* [WHAT YOU NEED TO DO]
Search the material for the word "DOOR" and copy every line in which it occurs.

^^^^

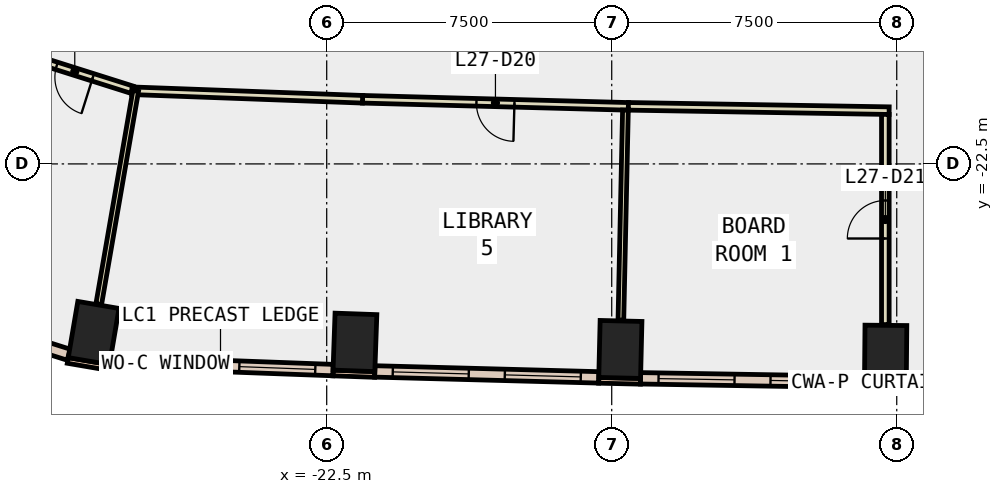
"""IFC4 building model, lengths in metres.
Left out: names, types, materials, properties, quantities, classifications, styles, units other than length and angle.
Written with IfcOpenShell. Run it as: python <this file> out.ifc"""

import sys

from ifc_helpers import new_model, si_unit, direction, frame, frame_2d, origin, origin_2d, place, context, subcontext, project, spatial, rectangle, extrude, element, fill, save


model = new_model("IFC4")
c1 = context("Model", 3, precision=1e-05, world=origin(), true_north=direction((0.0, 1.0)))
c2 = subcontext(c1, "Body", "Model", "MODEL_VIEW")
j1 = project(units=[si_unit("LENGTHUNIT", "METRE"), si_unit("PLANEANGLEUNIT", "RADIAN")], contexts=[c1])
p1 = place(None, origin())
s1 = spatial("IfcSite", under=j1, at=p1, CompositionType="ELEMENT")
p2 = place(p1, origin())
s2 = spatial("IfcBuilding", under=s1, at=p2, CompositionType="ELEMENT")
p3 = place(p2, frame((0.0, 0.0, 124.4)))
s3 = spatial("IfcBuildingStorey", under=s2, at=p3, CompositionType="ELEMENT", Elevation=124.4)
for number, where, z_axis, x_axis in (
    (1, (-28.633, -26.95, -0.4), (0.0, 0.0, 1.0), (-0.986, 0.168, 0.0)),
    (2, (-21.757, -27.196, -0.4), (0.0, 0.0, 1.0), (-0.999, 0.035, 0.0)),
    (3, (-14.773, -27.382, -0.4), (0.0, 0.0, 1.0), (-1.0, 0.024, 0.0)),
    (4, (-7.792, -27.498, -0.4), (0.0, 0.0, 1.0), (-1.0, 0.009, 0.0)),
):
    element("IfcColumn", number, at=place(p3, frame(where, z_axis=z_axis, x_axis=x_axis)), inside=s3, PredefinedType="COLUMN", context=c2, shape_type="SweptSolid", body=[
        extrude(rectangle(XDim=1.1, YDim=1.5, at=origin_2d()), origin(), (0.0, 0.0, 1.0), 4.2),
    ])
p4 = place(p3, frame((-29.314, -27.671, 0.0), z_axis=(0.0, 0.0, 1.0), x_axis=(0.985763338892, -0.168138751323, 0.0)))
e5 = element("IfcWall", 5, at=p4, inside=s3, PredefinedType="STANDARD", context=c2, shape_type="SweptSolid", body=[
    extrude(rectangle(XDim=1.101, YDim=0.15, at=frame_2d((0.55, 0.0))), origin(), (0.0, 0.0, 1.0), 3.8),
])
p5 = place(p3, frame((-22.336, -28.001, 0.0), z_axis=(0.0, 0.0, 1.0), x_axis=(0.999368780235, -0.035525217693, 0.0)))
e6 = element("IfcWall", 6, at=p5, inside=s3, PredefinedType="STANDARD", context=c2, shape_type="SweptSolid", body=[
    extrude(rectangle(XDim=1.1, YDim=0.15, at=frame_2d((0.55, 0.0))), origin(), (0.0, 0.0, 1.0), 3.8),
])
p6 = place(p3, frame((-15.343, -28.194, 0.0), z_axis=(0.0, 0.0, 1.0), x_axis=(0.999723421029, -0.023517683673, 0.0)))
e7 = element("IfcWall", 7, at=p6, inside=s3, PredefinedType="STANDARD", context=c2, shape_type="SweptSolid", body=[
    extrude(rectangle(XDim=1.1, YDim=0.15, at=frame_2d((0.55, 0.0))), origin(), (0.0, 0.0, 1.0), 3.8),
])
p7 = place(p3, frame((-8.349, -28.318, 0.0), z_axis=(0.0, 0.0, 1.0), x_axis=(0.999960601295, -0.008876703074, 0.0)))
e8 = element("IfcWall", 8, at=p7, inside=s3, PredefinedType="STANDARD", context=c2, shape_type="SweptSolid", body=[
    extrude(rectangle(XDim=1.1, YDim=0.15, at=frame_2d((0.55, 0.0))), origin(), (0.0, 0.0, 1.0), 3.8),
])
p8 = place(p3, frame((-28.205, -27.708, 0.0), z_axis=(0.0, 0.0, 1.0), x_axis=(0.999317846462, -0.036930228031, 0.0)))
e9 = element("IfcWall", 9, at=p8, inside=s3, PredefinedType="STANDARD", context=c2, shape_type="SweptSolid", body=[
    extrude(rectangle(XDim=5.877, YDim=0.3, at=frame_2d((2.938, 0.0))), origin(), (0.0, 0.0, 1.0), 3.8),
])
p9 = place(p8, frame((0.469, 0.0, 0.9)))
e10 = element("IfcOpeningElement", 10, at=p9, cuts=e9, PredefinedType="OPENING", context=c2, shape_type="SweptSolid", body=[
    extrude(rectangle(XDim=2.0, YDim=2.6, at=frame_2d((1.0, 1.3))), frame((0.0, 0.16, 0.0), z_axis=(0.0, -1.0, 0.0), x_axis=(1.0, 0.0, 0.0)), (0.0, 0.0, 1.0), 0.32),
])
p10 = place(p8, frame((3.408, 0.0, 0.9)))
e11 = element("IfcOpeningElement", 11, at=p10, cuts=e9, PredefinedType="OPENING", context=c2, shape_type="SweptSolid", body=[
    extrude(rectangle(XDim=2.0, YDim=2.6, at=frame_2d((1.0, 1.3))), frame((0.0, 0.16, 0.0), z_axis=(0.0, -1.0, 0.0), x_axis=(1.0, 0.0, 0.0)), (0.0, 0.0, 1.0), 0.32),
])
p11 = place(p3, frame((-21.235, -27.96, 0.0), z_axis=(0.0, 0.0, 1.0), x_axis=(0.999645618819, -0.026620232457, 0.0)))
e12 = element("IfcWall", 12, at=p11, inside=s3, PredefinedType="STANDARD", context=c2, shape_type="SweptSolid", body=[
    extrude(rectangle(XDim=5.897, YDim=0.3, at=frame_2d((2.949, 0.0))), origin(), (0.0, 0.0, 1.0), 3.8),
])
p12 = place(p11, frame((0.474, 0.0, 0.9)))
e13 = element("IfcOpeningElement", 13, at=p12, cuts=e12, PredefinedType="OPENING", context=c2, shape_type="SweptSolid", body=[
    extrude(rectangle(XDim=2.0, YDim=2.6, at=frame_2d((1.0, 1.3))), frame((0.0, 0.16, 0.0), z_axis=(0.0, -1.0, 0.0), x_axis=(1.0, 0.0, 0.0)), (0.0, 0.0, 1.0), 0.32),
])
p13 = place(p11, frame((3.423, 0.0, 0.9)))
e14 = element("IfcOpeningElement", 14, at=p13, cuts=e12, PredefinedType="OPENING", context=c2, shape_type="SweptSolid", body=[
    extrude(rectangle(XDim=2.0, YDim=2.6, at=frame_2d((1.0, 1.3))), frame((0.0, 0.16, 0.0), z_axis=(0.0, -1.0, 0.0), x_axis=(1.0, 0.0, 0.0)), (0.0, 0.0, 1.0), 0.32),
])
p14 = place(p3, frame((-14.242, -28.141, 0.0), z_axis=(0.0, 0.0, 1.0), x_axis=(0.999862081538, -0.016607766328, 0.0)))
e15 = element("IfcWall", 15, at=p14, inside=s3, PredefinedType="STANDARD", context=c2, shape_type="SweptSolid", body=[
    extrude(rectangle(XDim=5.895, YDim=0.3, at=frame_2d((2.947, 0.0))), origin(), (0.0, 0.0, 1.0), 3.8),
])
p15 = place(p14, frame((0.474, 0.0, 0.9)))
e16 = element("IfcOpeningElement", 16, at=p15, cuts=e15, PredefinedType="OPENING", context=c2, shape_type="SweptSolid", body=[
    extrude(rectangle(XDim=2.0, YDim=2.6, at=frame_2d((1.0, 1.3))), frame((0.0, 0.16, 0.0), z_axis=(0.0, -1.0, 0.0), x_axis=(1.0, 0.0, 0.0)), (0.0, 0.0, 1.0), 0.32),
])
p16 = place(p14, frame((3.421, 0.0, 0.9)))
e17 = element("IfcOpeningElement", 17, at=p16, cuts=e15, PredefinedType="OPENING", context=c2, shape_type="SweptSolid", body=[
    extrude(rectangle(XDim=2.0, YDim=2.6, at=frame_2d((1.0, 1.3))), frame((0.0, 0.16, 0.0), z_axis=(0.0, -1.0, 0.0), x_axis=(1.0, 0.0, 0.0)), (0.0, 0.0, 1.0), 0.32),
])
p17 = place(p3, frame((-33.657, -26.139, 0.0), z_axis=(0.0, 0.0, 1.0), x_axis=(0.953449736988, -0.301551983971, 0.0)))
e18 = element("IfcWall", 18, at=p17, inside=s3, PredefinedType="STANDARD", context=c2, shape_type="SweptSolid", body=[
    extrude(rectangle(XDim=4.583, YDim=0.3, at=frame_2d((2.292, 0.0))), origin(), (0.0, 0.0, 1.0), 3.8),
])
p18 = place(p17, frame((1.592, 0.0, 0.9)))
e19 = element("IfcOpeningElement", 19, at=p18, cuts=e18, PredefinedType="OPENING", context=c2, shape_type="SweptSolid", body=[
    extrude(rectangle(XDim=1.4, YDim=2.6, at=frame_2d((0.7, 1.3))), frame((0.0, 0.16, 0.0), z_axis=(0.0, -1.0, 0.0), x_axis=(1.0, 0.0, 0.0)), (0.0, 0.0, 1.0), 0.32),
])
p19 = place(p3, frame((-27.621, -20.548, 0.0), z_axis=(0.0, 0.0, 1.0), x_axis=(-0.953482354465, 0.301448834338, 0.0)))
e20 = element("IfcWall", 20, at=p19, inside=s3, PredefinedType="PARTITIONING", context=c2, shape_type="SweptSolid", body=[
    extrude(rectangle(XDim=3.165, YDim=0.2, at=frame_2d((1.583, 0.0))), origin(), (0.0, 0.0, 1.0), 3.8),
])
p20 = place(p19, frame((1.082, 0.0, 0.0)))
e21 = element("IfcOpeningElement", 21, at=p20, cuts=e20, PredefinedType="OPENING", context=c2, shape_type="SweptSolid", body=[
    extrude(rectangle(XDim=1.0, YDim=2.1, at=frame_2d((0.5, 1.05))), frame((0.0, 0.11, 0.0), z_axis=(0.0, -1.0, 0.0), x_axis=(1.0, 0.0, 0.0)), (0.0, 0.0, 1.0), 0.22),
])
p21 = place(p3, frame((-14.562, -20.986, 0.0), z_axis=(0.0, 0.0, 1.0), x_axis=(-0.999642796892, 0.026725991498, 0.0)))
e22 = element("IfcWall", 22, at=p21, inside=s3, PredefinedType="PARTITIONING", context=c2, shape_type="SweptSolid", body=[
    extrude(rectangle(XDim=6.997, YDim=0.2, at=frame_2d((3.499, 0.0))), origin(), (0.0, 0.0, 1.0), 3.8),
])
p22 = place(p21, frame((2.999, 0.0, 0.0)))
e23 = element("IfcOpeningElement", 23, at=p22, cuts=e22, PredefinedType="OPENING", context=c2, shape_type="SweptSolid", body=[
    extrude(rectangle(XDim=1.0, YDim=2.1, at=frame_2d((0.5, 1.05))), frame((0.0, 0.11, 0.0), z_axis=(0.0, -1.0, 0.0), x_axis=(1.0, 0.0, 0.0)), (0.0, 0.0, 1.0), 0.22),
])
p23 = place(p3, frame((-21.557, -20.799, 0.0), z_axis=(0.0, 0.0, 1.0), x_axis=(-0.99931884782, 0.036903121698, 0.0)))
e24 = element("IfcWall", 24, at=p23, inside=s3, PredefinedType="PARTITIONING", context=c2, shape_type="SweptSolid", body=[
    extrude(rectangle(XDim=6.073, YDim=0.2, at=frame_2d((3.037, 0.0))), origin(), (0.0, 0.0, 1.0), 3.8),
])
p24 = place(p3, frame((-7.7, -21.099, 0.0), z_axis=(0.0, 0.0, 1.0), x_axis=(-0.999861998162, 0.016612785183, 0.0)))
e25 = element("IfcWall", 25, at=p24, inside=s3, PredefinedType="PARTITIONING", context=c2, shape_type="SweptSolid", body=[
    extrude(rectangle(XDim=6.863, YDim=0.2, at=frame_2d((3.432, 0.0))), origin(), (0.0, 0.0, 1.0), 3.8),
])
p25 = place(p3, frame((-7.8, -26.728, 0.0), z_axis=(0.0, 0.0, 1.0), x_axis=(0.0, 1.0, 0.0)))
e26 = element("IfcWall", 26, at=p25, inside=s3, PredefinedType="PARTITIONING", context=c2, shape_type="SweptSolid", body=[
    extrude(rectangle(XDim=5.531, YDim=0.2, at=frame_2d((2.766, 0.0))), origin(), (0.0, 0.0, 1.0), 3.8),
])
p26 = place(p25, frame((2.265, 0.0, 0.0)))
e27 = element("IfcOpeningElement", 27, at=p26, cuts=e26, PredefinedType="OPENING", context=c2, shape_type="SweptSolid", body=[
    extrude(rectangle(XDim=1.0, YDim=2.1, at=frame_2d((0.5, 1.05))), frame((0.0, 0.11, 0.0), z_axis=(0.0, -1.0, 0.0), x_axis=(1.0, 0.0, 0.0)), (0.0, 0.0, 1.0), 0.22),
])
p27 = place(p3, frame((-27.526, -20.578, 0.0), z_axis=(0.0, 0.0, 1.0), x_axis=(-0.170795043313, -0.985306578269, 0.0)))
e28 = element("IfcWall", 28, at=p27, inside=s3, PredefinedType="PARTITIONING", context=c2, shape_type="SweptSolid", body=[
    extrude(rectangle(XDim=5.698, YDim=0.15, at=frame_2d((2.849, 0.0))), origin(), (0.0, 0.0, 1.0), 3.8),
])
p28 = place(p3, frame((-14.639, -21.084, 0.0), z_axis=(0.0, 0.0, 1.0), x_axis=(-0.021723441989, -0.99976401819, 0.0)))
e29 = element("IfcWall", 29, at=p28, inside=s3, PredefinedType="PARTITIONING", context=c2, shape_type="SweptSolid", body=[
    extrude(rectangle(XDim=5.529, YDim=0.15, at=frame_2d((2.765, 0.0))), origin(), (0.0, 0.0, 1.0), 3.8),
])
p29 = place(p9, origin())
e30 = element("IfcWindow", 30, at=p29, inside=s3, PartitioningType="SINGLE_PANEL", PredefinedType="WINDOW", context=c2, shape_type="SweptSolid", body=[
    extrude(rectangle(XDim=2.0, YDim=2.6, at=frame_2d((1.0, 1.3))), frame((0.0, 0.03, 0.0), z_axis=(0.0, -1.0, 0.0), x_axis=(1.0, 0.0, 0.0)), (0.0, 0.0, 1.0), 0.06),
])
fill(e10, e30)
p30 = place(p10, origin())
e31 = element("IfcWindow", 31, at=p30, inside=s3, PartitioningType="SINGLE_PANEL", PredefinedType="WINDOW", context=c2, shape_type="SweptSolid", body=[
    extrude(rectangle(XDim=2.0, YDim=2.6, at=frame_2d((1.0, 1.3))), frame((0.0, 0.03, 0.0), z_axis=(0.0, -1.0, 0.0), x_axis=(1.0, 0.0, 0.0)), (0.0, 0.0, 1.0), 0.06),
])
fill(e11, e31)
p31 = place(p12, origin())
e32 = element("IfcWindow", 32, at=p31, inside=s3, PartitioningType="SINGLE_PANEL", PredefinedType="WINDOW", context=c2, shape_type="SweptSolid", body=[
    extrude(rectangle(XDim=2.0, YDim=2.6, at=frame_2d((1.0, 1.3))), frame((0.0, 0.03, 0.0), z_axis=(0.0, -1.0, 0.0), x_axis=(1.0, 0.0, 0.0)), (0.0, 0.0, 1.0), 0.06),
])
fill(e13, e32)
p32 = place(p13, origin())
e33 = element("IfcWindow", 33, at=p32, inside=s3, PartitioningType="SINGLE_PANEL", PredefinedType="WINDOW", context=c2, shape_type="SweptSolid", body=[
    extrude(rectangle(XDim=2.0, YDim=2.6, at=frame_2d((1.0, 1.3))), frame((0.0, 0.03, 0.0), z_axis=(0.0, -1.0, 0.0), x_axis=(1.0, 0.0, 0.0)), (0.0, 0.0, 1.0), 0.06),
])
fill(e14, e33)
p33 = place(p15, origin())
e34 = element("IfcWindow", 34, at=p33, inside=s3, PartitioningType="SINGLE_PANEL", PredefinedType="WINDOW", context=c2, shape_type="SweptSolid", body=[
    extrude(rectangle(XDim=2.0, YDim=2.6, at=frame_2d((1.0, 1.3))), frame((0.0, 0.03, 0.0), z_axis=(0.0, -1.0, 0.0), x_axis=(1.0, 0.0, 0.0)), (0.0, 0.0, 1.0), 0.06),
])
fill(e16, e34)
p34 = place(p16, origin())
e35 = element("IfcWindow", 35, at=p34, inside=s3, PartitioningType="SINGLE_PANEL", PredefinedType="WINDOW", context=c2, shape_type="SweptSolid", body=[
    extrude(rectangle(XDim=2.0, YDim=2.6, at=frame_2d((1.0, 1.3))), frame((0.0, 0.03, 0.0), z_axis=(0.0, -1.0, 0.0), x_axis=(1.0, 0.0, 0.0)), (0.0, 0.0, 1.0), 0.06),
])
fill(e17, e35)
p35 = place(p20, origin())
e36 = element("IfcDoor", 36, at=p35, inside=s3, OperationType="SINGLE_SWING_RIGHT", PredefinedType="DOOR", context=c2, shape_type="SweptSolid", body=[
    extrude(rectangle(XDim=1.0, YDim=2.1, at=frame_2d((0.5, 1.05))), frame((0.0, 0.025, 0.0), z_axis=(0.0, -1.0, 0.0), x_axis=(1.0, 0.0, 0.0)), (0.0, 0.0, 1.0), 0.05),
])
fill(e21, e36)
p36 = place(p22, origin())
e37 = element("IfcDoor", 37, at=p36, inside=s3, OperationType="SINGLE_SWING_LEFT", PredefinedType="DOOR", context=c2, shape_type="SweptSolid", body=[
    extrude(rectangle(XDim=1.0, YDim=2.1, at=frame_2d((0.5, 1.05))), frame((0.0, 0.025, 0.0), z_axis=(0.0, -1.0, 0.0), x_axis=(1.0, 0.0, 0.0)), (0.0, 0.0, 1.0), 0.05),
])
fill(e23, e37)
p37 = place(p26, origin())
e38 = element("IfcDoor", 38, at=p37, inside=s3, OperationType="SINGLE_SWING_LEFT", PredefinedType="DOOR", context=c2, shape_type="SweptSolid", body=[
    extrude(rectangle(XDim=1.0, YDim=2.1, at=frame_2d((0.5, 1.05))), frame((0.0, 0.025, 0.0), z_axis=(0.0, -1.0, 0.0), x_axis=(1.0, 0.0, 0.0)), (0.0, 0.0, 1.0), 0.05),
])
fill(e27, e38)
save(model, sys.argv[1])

^^^^

* [RESULT OF THIS TASK]
e36 = element("IfcDoor", 36, at=p35, inside=s3, OperationType="SINGLE_SWING_RIGHT", PredefinedType="DOOR", context=c2, shape_type="SweptSolid", body=[
e37 = element("IfcDoor", 37, at=p36, inside=s3, OperationType="SINGLE_SWING_LEFT", PredefinedType="DOOR", context=c2, shape_type="SweptSolid", body=[
e38 = element("IfcDoor", 38, at=p37, inside=s3, OperationType="SINGLE_SWING_LEFT", PredefinedType="DOOR", context=c2, shape_type="SweptSolid", body=[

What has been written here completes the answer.